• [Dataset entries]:
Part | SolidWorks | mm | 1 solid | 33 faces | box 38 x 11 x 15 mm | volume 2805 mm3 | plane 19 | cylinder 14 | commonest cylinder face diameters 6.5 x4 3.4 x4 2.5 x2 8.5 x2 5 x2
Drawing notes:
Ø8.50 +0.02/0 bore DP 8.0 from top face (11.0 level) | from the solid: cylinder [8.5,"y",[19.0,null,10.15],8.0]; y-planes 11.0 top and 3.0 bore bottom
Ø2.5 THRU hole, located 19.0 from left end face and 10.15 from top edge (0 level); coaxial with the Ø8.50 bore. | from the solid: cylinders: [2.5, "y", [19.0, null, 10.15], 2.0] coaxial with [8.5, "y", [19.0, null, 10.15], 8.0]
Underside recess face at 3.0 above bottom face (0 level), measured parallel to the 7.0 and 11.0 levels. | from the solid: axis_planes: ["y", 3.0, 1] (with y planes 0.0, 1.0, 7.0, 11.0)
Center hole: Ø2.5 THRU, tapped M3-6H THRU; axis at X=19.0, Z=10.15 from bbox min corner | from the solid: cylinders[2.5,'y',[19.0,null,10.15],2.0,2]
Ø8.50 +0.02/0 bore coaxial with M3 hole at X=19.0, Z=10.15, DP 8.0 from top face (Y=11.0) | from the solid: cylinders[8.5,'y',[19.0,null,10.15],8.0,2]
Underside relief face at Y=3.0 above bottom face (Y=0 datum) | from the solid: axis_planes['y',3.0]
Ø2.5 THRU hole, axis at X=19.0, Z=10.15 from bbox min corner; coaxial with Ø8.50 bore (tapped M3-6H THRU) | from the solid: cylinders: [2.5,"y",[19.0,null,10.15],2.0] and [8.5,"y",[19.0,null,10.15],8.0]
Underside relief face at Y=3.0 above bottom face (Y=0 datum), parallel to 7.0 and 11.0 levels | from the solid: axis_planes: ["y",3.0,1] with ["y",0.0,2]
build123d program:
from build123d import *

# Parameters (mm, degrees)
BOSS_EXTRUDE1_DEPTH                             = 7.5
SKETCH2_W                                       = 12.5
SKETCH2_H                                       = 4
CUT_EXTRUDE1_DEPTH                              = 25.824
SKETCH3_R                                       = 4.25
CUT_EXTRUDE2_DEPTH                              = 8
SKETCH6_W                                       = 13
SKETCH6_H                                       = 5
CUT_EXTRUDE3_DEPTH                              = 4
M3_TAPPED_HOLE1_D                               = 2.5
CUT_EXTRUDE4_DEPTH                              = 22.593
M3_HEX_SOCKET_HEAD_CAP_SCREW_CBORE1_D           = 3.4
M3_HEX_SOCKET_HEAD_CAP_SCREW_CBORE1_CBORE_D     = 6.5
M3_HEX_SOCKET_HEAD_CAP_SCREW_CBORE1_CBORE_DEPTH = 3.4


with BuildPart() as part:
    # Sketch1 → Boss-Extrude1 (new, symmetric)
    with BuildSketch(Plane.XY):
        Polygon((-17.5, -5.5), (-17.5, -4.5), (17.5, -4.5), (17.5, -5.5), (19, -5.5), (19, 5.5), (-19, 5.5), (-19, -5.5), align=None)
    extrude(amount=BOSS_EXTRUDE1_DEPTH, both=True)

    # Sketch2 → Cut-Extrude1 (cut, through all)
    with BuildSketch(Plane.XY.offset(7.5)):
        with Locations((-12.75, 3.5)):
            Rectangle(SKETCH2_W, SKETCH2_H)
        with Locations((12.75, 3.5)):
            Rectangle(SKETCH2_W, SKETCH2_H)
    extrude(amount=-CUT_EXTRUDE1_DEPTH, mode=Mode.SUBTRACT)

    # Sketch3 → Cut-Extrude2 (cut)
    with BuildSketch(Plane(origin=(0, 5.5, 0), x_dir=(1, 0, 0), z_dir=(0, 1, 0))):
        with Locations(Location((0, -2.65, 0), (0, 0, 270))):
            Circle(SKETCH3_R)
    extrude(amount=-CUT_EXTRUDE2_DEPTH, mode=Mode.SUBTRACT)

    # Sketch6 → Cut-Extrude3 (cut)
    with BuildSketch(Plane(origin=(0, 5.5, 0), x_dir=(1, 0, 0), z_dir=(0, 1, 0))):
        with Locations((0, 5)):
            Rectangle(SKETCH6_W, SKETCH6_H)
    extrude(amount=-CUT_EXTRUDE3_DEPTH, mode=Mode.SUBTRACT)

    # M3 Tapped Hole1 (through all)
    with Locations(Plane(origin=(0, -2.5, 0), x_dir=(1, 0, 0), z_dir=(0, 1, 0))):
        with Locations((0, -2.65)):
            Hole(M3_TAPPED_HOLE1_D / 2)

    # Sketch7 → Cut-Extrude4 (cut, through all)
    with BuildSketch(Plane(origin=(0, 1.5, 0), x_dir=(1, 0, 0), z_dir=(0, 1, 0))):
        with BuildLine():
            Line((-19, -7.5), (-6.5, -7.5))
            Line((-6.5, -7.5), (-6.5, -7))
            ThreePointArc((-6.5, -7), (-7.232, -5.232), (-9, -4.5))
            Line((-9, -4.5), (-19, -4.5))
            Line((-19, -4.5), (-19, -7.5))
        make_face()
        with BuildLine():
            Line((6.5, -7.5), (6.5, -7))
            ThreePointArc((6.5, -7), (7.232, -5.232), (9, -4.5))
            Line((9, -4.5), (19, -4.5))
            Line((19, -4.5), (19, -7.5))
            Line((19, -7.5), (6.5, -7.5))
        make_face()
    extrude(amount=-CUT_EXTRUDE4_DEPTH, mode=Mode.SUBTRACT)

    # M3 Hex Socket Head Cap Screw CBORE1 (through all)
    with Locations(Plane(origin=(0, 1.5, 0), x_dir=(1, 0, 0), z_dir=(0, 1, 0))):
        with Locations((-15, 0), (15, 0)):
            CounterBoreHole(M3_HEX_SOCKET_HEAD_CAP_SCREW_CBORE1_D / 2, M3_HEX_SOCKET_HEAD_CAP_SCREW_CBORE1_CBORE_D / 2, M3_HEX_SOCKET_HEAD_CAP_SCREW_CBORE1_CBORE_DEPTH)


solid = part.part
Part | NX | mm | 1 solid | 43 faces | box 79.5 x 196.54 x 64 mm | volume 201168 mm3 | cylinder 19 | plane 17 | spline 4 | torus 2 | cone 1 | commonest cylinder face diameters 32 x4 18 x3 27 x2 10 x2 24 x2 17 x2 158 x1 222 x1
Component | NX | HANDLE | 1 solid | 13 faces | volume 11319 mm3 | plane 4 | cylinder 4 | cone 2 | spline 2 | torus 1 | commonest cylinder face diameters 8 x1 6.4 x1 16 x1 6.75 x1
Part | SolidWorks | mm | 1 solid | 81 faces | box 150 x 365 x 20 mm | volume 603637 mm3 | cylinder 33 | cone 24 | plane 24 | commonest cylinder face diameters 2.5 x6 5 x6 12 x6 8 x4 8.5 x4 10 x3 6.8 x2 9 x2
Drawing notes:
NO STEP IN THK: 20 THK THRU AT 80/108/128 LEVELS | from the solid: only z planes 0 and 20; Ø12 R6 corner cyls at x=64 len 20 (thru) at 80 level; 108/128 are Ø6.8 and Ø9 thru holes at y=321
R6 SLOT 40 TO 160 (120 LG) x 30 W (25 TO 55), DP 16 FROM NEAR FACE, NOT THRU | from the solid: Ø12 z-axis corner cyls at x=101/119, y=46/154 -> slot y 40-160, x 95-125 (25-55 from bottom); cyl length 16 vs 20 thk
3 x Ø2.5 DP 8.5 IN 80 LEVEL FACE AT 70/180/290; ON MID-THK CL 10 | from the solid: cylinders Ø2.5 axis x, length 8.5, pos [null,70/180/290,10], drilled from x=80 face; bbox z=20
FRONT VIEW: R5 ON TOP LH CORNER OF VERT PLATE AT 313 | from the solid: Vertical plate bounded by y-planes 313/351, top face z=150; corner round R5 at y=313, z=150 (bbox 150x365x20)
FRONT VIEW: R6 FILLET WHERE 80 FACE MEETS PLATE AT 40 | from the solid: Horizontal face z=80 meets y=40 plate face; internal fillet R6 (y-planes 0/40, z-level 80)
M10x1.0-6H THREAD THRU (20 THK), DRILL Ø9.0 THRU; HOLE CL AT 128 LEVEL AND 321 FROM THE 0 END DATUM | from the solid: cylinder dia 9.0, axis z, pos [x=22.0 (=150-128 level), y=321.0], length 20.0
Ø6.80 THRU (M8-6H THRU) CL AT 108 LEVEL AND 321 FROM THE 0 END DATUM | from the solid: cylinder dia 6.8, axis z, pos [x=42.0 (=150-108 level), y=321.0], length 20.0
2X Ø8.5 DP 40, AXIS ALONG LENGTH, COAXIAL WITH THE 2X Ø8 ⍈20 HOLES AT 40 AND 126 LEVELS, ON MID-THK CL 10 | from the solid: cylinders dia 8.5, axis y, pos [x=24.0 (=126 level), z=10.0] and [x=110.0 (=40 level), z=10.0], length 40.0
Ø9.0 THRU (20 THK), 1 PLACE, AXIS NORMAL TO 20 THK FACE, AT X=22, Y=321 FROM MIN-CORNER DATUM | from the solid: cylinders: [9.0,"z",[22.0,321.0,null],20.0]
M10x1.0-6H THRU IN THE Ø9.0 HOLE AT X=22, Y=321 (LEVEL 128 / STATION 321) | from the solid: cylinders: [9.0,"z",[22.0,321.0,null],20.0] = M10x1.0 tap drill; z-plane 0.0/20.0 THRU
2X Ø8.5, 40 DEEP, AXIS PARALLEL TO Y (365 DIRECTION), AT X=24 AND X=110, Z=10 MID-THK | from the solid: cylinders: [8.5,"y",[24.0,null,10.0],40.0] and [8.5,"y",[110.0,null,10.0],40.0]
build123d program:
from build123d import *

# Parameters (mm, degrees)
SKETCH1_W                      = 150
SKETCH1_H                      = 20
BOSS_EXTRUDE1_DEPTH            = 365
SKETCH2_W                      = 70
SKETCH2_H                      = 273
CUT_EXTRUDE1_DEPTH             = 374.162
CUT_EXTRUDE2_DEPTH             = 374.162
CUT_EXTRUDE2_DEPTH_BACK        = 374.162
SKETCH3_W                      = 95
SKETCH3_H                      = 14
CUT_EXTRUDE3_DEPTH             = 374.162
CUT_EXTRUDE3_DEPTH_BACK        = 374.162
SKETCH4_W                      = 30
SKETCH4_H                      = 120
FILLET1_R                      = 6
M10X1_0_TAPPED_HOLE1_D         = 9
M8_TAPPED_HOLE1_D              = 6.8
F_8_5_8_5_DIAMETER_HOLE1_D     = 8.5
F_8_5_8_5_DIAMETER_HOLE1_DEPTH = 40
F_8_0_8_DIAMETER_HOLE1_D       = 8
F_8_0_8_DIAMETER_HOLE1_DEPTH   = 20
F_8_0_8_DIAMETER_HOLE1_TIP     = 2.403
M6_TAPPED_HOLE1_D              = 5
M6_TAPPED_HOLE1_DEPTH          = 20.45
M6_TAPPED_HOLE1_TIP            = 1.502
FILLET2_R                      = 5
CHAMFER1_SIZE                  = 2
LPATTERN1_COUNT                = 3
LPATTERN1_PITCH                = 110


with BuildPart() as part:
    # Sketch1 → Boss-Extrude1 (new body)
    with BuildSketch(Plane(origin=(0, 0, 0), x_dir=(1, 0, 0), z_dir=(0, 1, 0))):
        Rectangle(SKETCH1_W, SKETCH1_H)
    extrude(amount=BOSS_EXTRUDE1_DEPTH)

• [Exercise details]:
Working from the records above, write out verbatim only the lines from the line containing "M10x1.0-6H THREAD THRU" through the line containing "M10x1.0-6H THRU IN".

• [Completed exercise]:
M10x1.0-6H THREAD THRU (20 THK), DRILL Ø9.0 THRU; HOLE CL AT 128 LEVEL AND 321 FROM THE 0 END DATUM | from the solid: cylinder dia 9.0, axis z, pos [x=22.0 (=150-128 level), y=321.0], length 20.0
Ø6.80 THRU (M8-6H THRU) CL AT 108 LEVEL AND 321 FROM THE 0 END DATUM | from the solid: cylinder dia 6.8, axis z, pos [x=42.0 (=150-108 level), y=321.0], length 20.0
2X Ø8.5 DP 40, AXIS ALONG LENGTH, COAXIAL WITH THE 2X Ø8 ⍈20 HOLES AT 40 AND 126 LEVELS, ON MID-THK CL 10 | from the solid: cylinders dia 8.5, axis y, pos [x=24.0 (=126 level), z=10.0] and [x=110.0 (=40 level), z=10.0], length 40.0
Ø9.0 THRU (20 THK), 1 PLACE, AXIS NORMAL TO 20 THK FACE, AT X=22, Y=321 FROM MIN-CORNER DATUM | from the solid: cylinders: [9.0,"z",[22.0,321.0,null],20.0]
M10x1.0-6H THRU IN THE Ø9.0 HOLE AT X=22, Y=321 (LEVEL 128 / STATION 321) | from the solid: cylinders: [9.0,"z",[22.0,321.0,null],20.0] = M10x1.0 tap drill; z-plane 0.0/20.0 THRU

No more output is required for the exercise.